◆ **Data**:

[Start of Attachment]

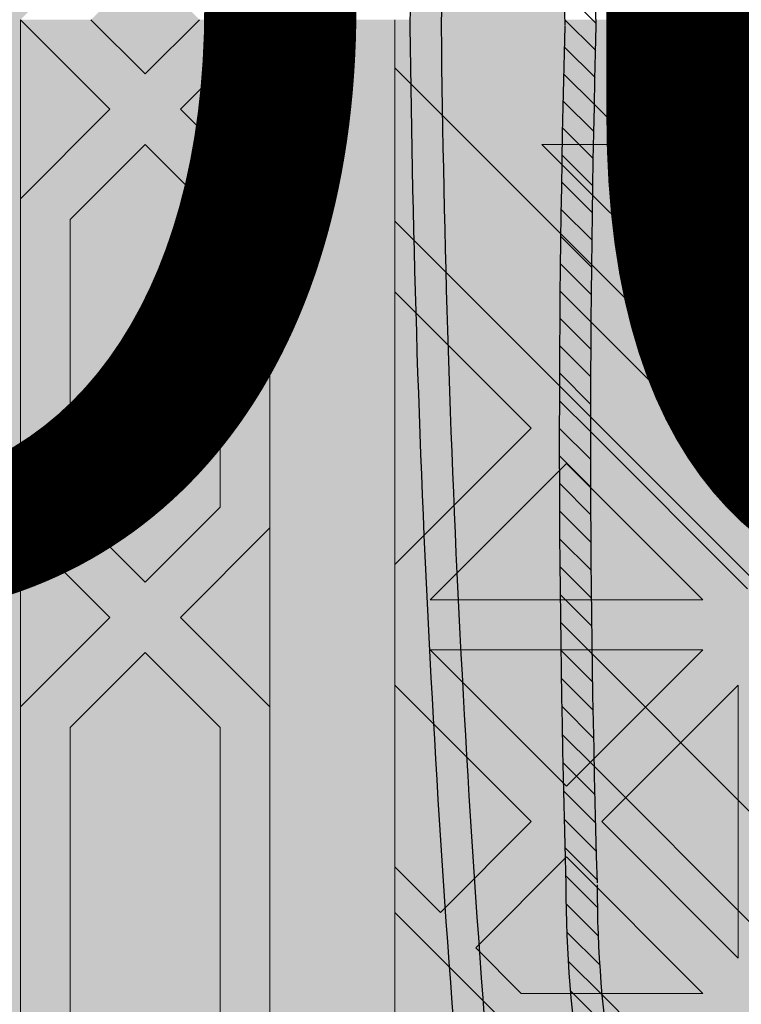
# Model space of a CAD drawing. Units: inches. Extents: x 844 to 2234, y 346 to 1084.
# Tile 71 of 93: x 1997.478 to 2001.166, y 696.335 to 701.365. Entities that reach past the tile are written whole.
import ezdxf

# ---------------------------------------------------------------- set-up
doc = ezdxf.new("R2010")
doc.units = ezdxf.units.IN
doc.header["$MEASUREMENT"] = 0
for name, color, linetype, lineweight in [('A-ANNO-DIMS', 2, 'Continuous', 18), ('furniture', 8, 'Continuous', 18), ('RA-AP-01$0$INT', 35, 'Continuous', 5)]:
    doc.layers.add(name, color=color, linetype=linetype, lineweight=lineweight)
doc.layers.add('RA-AP-01$0$FURN', color=3, linetype='Continuous')
doc.layers.add('RA-AP-01$0$WOOD', color=64, linetype='Continuous')
doc.styles.get("Standard").update_dxf_attribs({"font": 'arial.ttf'})
doc.dimstyles.get("Standard").update_dxf_attribs({"dimtxt": 6, "dimasz": 3, "dimexe": 0.18, "dimexo": 0.0625, "dimgap": 0.09, "dimtad": 0, "dimtih": 1, "dimtoh": 1, "dimdec": 1, "dimzin": 0, "dimdsep": 46, "dimlunit": 3, "dimtxsty": 'Standard', "dimblk": 'ARCHTICK', "dimcen": 0.09, "dimadec": 0, "dimazin": 0, "dimtfac": 1, "dimtdec": 1, "dimtofl": 0, "dimtmove": 0, "dimatfit": 3, "dimfxl": 1, "dimtolj": 1, "dimtzin": 0, "dimarcsym": 0})

# ---------------------------------------------------------------- blocks, each defined once
blk = doc.blocks.new('A$C18D01794')
at = {"layer": 'RA-AP-01$0$INT'}
h = blk.add_hatch(color=256, dxfattribs=at)
h.paths.add_polyline_path([(4.35521, -6.15671), (4.35521, -8.05671), (5.45521, -8.05671), (5.45521, -6.15671)])
h.paths.add_polyline_path([(4.40521, -8.00671), (4.40521, -6.20671), (5.40521, -6.20671), (5.40521, -8.00671)], flags=16)
h = blk.add_hatch(color=256, dxfattribs=at)
h.paths.add_polyline_path([(4.46935, -7.07085), (4.50521, -7.035), (4.50521, -7.10671)])
h.paths.add_polyline_path([(4.45521, -7.085), (4.47692, -7.10671), (4.43349, -7.10671)])
h.paths.add_polyline_path([(4.40521, -7.035), (4.44106, -7.07085), (4.40521, -7.10671)])
h.paths.add_polyline_path([(4.42521, -6.91146), (4.45521, -6.88146), (4.48521, -6.91146), (4.48521, -7.02671), (4.45521, -7.05671), (4.42521, -7.02671)])
h.paths.add_polyline_path([(4.50521, -6.83146), (4.50521, -6.90318), (4.46935, -6.86732)])
h.paths.add_polyline_path([(4.42521, -6.70793), (4.45521, -6.67793), (4.48521, -6.70793), (4.48521, -6.82318), (4.45521, -6.85318), (4.42521, -6.82318)])
h.paths.add_polyline_path([(4.42521, -6.50439), (4.45521, -6.47439), (4.48521, -6.50439), (4.48521, -6.61964), (4.45521, -6.64964), (4.42521, -6.61964)])
h.paths.add_polyline_path([(4.46935, -6.66378), (4.50521, -6.62793), (4.50521, -6.69964)])
h.paths.add_polyline_path([(4.40521, -6.62793), (4.44106, -6.66378), (4.40521, -6.69964)])
h.paths.add_polyline_path([(4.40521, -6.42439), (4.44106, -6.46025), (4.40521, -6.49611)])
h.paths.add_polyline_path([(4.46935, -6.46025), (4.50521, -6.42439), (4.50521, -6.49611)])
h.paths.add_polyline_path([(4.42521, -6.30085), (4.45521, -6.27085), (4.48521, -6.30085), (4.48521, -6.41611), (4.45521, -6.44611), (4.42521, -6.41611)])
h.paths.add_polyline_path([(4.42521, -6.22671), (4.47106, -6.22671), (4.42521, -6.27257)])
h.paths.add_polyline_path([(4.49935, -6.22671), (4.63606, -6.22671), (4.66606, -6.25671), (4.63606, -6.28671), (4.49935, -6.28671), (4.46935, -6.25671)])
h.paths.add_polyline_path([(4.68021, -6.27085), (4.71606, -6.30671), (4.64435, -6.30671)])
h.paths.add_polyline_path([(4.64435, -6.20671), (4.71606, -6.20671), (4.68021, -6.24257)])
h.paths.add_polyline_path([(4.72435, -6.22671), (4.86106, -6.22671), (4.89106, -6.25671), (4.86106, -6.28671), (4.72435, -6.28671), (4.69435, -6.25671)])
h.paths.add_polyline_path([(4.90521, -6.27085), (4.94106, -6.30671), (4.86935, -6.30671)])
h.paths.add_polyline_path([(4.86935, -6.20671), (4.94106, -6.20671), (4.90521, -6.24257)])
h.paths.add_polyline_path([(4.94935, -6.22671), (5.08606, -6.22671), (5.11606, -6.25671), (5.08606, -6.28671), (4.94935, -6.28671), (4.91935, -6.25671)])
h.paths.add_polyline_path([(5.13021, -6.27085), (5.16606, -6.30671), (5.09435, -6.30671)])
h.paths.add_polyline_path([(5.09435, -6.20671), (5.16606, -6.20671), (5.13021, -6.24257)])
h.paths.add_polyline_path([(5.17435, -6.22671), (5.31106, -6.22671), (5.34106, -6.25671), (5.31106, -6.28671), (5.17435, -6.28671), (5.14435, -6.25671)])
h.paths.add_polyline_path([(5.32521, -6.30085), (5.35521, -6.27085), (5.38521, -6.30085), (5.38521, -6.41611), (5.35521, -6.44611), (5.32521, -6.41611)])
h.paths.add_polyline_path([(5.33935, -6.22671), (5.38521, -6.22671), (5.38521, -6.27257)])
h.paths.add_polyline_path([(5.32521, -6.50439), (5.35521, -6.47439), (5.38521, -6.50439), (5.38521, -6.61964), (5.35521, -6.64964), (5.32521, -6.61964)])
h.paths.add_polyline_path([(5.30521, -6.42439), (5.34106, -6.46025), (5.30521, -6.49611)])
h.paths.add_polyline_path([(5.36935, -6.46025), (5.40521, -6.42439), (5.40521, -6.49611)])
h.paths.add_polyline_path([(5.40521, -6.62793), (5.40521, -6.69964), (5.36935, -6.66378)])
h.paths.add_polyline_path([(5.30521, -6.62793), (5.34106, -6.66378), (5.30521, -6.69964)])
h.paths.add_polyline_path([(5.32521, -6.70793), (5.35521, -6.67793), (5.38521, -6.70793), (5.38521, -6.82318), (5.35521, -6.85318), (5.32521, -6.82318)])
h.paths.add_polyline_path([(5.30521, -6.83146), (5.34106, -6.86732), (5.30521, -6.90318)])
h.paths.add_polyline_path([(5.32521, -6.91146), (5.35521, -6.88146), (5.38521, -6.91146), (5.38521, -7.02671), (5.35521, -7.05671), (5.32521, -7.02671)])
h.paths.add_polyline_path([(5.40458, -6.83209, 0.001218), (5.40521, -6.83231), (5.40521, -6.90318), (5.36935, -6.86732)])
h.paths.add_polyline_path([(5.36935, -7.07085), (5.40521, -7.035), (5.40521, -7.10671)])
h.paths.add_polyline_path([(5.35521, -7.085), (5.37692, -7.10671), (5.33349, -7.10671)])
h.paths.add_polyline_path([(5.30521, -7.035), (5.34106, -7.07085), (5.30521, -7.10671)])
h = blk.add_hatch(color=256, dxfattribs=at)
h.paths.add_polyline_path([(4.50521, -6.62793), (4.46935, -6.66378), (4.50521, -6.69964), (4.50521, -6.83146), (4.46935, -6.86732), (4.50521, -6.90318), (4.50521, -7.035), (4.46935, -7.07085), (4.50521, -7.10671), (4.47692, -7.10671), (4.45521, -7.085), (4.43349, -7.10671), (4.40521, -7.10671), (4.44106, -7.07085), (4.40521, -7.035), (4.40521, -6.90318), (4.44106, -6.86732), (4.40521, -6.83146), (4.40521, -6.69964), (4.44106, -6.66378), (4.40521, -6.62793), (4.40521, -6.49611), (4.44106, -6.46025), (4.40521, -6.42439), (4.40521, -6.20671), (4.64435, -6.20671), (4.68021, -6.24257), (4.71606, -6.20671), (4.86935, -6.20671), (4.90521, -6.24257), (4.94106, -6.20671), (5.09435, -6.20671), (5.13021, -6.24257), (5.16606, -6.20671), (5.40521, -6.20671), (5.40521, -6.42439), (5.36935, -6.46025), (5.40521, -6.49611), (5.40521, -6.62793), (5.36935, -6.66378), (5.40521, -6.69964), (5.40521, -6.83146), (5.36935, -6.86732), (5.40521, -6.90318), (5.40521, -7.035), (5.36935, -7.07085), (5.40521, -7.10671), (5.37692, -7.10671), (5.35521, -7.085), (5.33349, -7.10671), (5.30521, -7.10671), (5.34106, -7.07085), (5.30521, -7.035), (5.30521, -6.90318), (5.34106, -6.86732), (5.30521, -6.83146), (5.30521, -6.69964), (5.34106, -6.66378), (5.30521, -6.62793), (5.30521, -6.49611), (5.34106, -6.46025), (5.30521, -6.42439), (5.30521, -6.30671), (5.16606, -6.30671), (5.13021, -6.27085), (5.09435, -6.30671), (4.94106, -6.30671), (4.90521, -6.27085), (4.86935, -6.30671), (4.71606, -6.30671), (4.68021, -6.27085), (4.64435, -6.30671), (4.50521, -6.30671), (4.50521, -6.42439), (4.46935, -6.46025), (4.50521, -6.49611)])
h.paths.add_polyline_path([(4.48521, -6.50439), (4.45521, -6.47439), (4.42521, -6.50439), (4.42521, -6.61964), (4.45521, -6.64964), (4.48521, -6.61964)], flags=16)
h.paths.add_polyline_path([(4.45521, -6.44611), (4.48521, -6.41611), (4.48521, -6.30085), (4.45521, -6.27085), (4.42521, -6.30085), (4.42521, -6.41611)], flags=16)
h.paths.add_polyline_path([(4.45521, -6.67793), (4.42521, -6.70793), (4.42521, -6.82318), (4.45521, -6.85318), (4.48521, -6.82318), (4.48521, -6.70793)], flags=16)
h.paths.add_polyline_path([(4.49935, -6.28671), (4.63606, -6.28671), (4.66606, -6.25671), (4.63606, -6.22671), (4.49935, -6.22671), (4.46935, -6.25671)], flags=16)
h.paths.add_polyline_path([(4.42521, -6.27257), (4.47106, -6.22671), (4.42521, -6.22671)], flags=16)
h.paths.add_polyline_path([(4.45521, -6.88146), (4.42521, -6.91146), (4.42521, -7.02671), (4.45521, -7.05671), (4.48521, -7.02671), (4.48521, -6.91146)], flags=16)
h.paths.add_polyline_path([(4.72435, -6.28671), (4.86106, -6.28671), (4.89106, -6.25671), (4.86106, -6.22671), (4.72435, -6.22671), (4.69435, -6.25671)], flags=16)
h.paths.add_polyline_path([(4.91935, -6.25671), (4.94935, -6.28671), (5.08606, -6.28671), (5.11606, -6.25671), (5.08606, -6.22671), (4.94935, -6.22671)], flags=16)
h.paths.add_polyline_path([(5.14435, -6.25671), (5.17435, -6.28671), (5.31106, -6.28671), (5.34106, -6.25671), (5.31106, -6.22671), (5.17435, -6.22671)], flags=16)
h.paths.add_polyline_path([(5.32521, -6.61964), (5.35521, -6.64964), (5.38521, -6.61964), (5.38521, -6.50439), (5.35521, -6.47439), (5.32521, -6.50439)], flags=16)
h.paths.add_polyline_path([(5.32521, -6.41611), (5.35521, -6.44611), (5.38521, -6.41611), (5.38521, -6.30085), (5.35521, -6.27085), (5.32521, -6.30085)], flags=16)
h.paths.add_polyline_path([(5.32521, -6.70793), (5.32521, -6.82318), (5.35521, -6.85318), (5.38521, -6.82318), (5.38521, -6.70793), (5.35521, -6.67793)], flags=16)
h.paths.add_polyline_path([(5.32521, -6.91146), (5.32521, -7.02671), (5.35521, -7.05671), (5.38521, -7.02671), (5.38521, -6.91146), (5.35521, -6.88146)], flags=16)
h.paths.add_polyline_path([(5.33935, -6.22671), (5.38521, -6.27257), (5.38521, -6.22671)], flags=16)
blk.add_hatch(color=256, dxfattribs=at).paths.add_polyline_path([(4.50521, -6.30671), (5.30521, -6.30671), (5.30521, -7.10671), (5.25521, -7.10671), (5.25521, -6.35671), (4.55521, -6.35671), (4.55521, -7.10671), (4.50521, -7.10671)])
h = blk.add_hatch(color=256, dxfattribs=at)
h.paths.add_polyline_path([(4.58592, -6.35671), (4.55521, -6.35671), (4.55521, -6.38742), (4.8745, -6.70671), (4.90521, -6.676)])
h.paths.add_polyline_path([(5.25521, -6.38742), (5.25521, -6.35671), (5.2245, -6.35671), (4.90521, -6.676), (4.93592, -6.70671)])
h.paths.add_polyline_path([(4.93592, -6.70671), (4.90521, -6.73742), (5.25521, -7.08742), (5.25521, -7.026)])
h.paths.add_polyline_path([(4.55521, -7.026), (4.55521, -7.08742), (4.90521, -6.73742), (4.8745, -6.70671)])
h = blk.add_hatch(color=256, dxfattribs=at)
h.paths.add_polyline_path([(4.58592, -6.35671), (4.6142, -6.35671), (4.66885, -6.41136), (4.72349, -6.35671), (4.77177, -6.35671), (4.82642, -6.41136), (4.86278, -6.375), (4.8445, -6.35671), (4.86278, -6.35671), (4.90521, -6.39914), (4.94763, -6.35671), (4.96592, -6.35671), (4.94763, -6.375), (4.98399, -6.41136), (5.03864, -6.35671), (5.08692, -6.35671), (5.14157, -6.41136), (5.19621, -6.35671), (5.2245, -6.35671), (4.90521, -6.676)])
h.paths.add_polyline_path([(4.89521, -6.63772), (4.89521, -6.52843), (4.84056, -6.58307)], flags=16)
h.paths.add_polyline_path([(4.91521, -6.63772), (4.96985, -6.58307), (4.91521, -6.52843)], flags=16)
h.paths.add_polyline_path([(4.82642, -6.56893), (4.88106, -6.51429), (4.77177, -6.51429)], flags=16)
h.paths.add_polyline_path([(4.98399, -6.56893), (5.03864, -6.51429), (4.92935, -6.51429)], flags=16)
h.paths.add_polyline_path([(4.88106, -6.49429), (4.82642, -6.43964), (4.77177, -6.49429)], flags=16)
h.paths.add_polyline_path([(4.92935, -6.49429), (5.03864, -6.49429), (4.98399, -6.43964)], flags=16)
h.paths.add_polyline_path([(4.89521, -6.48014), (4.89521, -6.40742), (4.87692, -6.38914), (4.84056, -6.4255)], flags=16)
h.paths.add_polyline_path([(4.91521, -6.48014), (4.96985, -6.4255), (4.93349, -6.38914), (4.91521, -6.40742)], flags=16)
h.paths.add_polyline_path([(4.75763, -6.48014), (4.81228, -6.4255), (4.75763, -6.37085)], flags=16)
h.paths.add_polyline_path([(4.73763, -6.48014), (4.73763, -6.37085), (4.68299, -6.4255)], flags=16)
h.paths.add_polyline_path([(5.05278, -6.48014), (5.05278, -6.37085), (4.99814, -6.4255)], flags=16)
h.paths.add_polyline_path([(5.07278, -6.48014), (5.12742, -6.4255), (5.07278, -6.37085)], flags=16)
h.paths.add_polyline_path([(4.93592, -6.70671), (5.25521, -6.38742), (5.25521, -6.41571), (5.20056, -6.47035), (5.25521, -6.525), (5.25521, -6.57328), (5.20056, -6.62793), (5.23692, -6.66429), (5.25521, -6.646), (5.25521, -6.66429), (5.21278, -6.70671), (5.25521, -6.74914), (5.25521, -6.76742), (5.23692, -6.74914), (5.20056, -6.7855), (5.25521, -6.84014), (5.25521, -6.88843), (5.20056, -6.94307), (5.25521, -6.99772), (5.25521, -7.026)])
h.paths.add_polyline_path([(5.04299, -6.7855), (5.09763, -6.84014), (5.09763, -6.73085)], flags=16)
h.paths.add_polyline_path([(5.02885, -6.77136), (5.08349, -6.71671), (4.9742, -6.71671)], flags=16)
h.paths.add_polyline_path([(5.11763, -6.84014), (5.17228, -6.7855), (5.11763, -6.73085)], flags=16)
h.paths.add_polyline_path([(5.08349, -6.69671), (5.02885, -6.64207), (4.9742, -6.69671)], flags=16)
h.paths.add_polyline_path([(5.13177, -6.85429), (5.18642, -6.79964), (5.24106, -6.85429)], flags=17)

[End of Attachment]

◆ **What you need to do**: From the records above, reproduce exactly the lines from the one with "-6.20671), (5.13021, -6.24257)])" to the one with "-6.28671), (5.14435, -6.25671)])", both included, and no others.

◆ **Exercise output**:
h.paths.add_polyline_path([(5.09435, -6.20671), (5.16606, -6.20671), (5.13021, -6.24257)])
h.paths.add_polyline_path([(5.17435, -6.22671), (5.31106, -6.22671), (5.34106, -6.25671), (5.31106, -6.28671), (5.17435, -6.28671), (5.14435, -6.25671)])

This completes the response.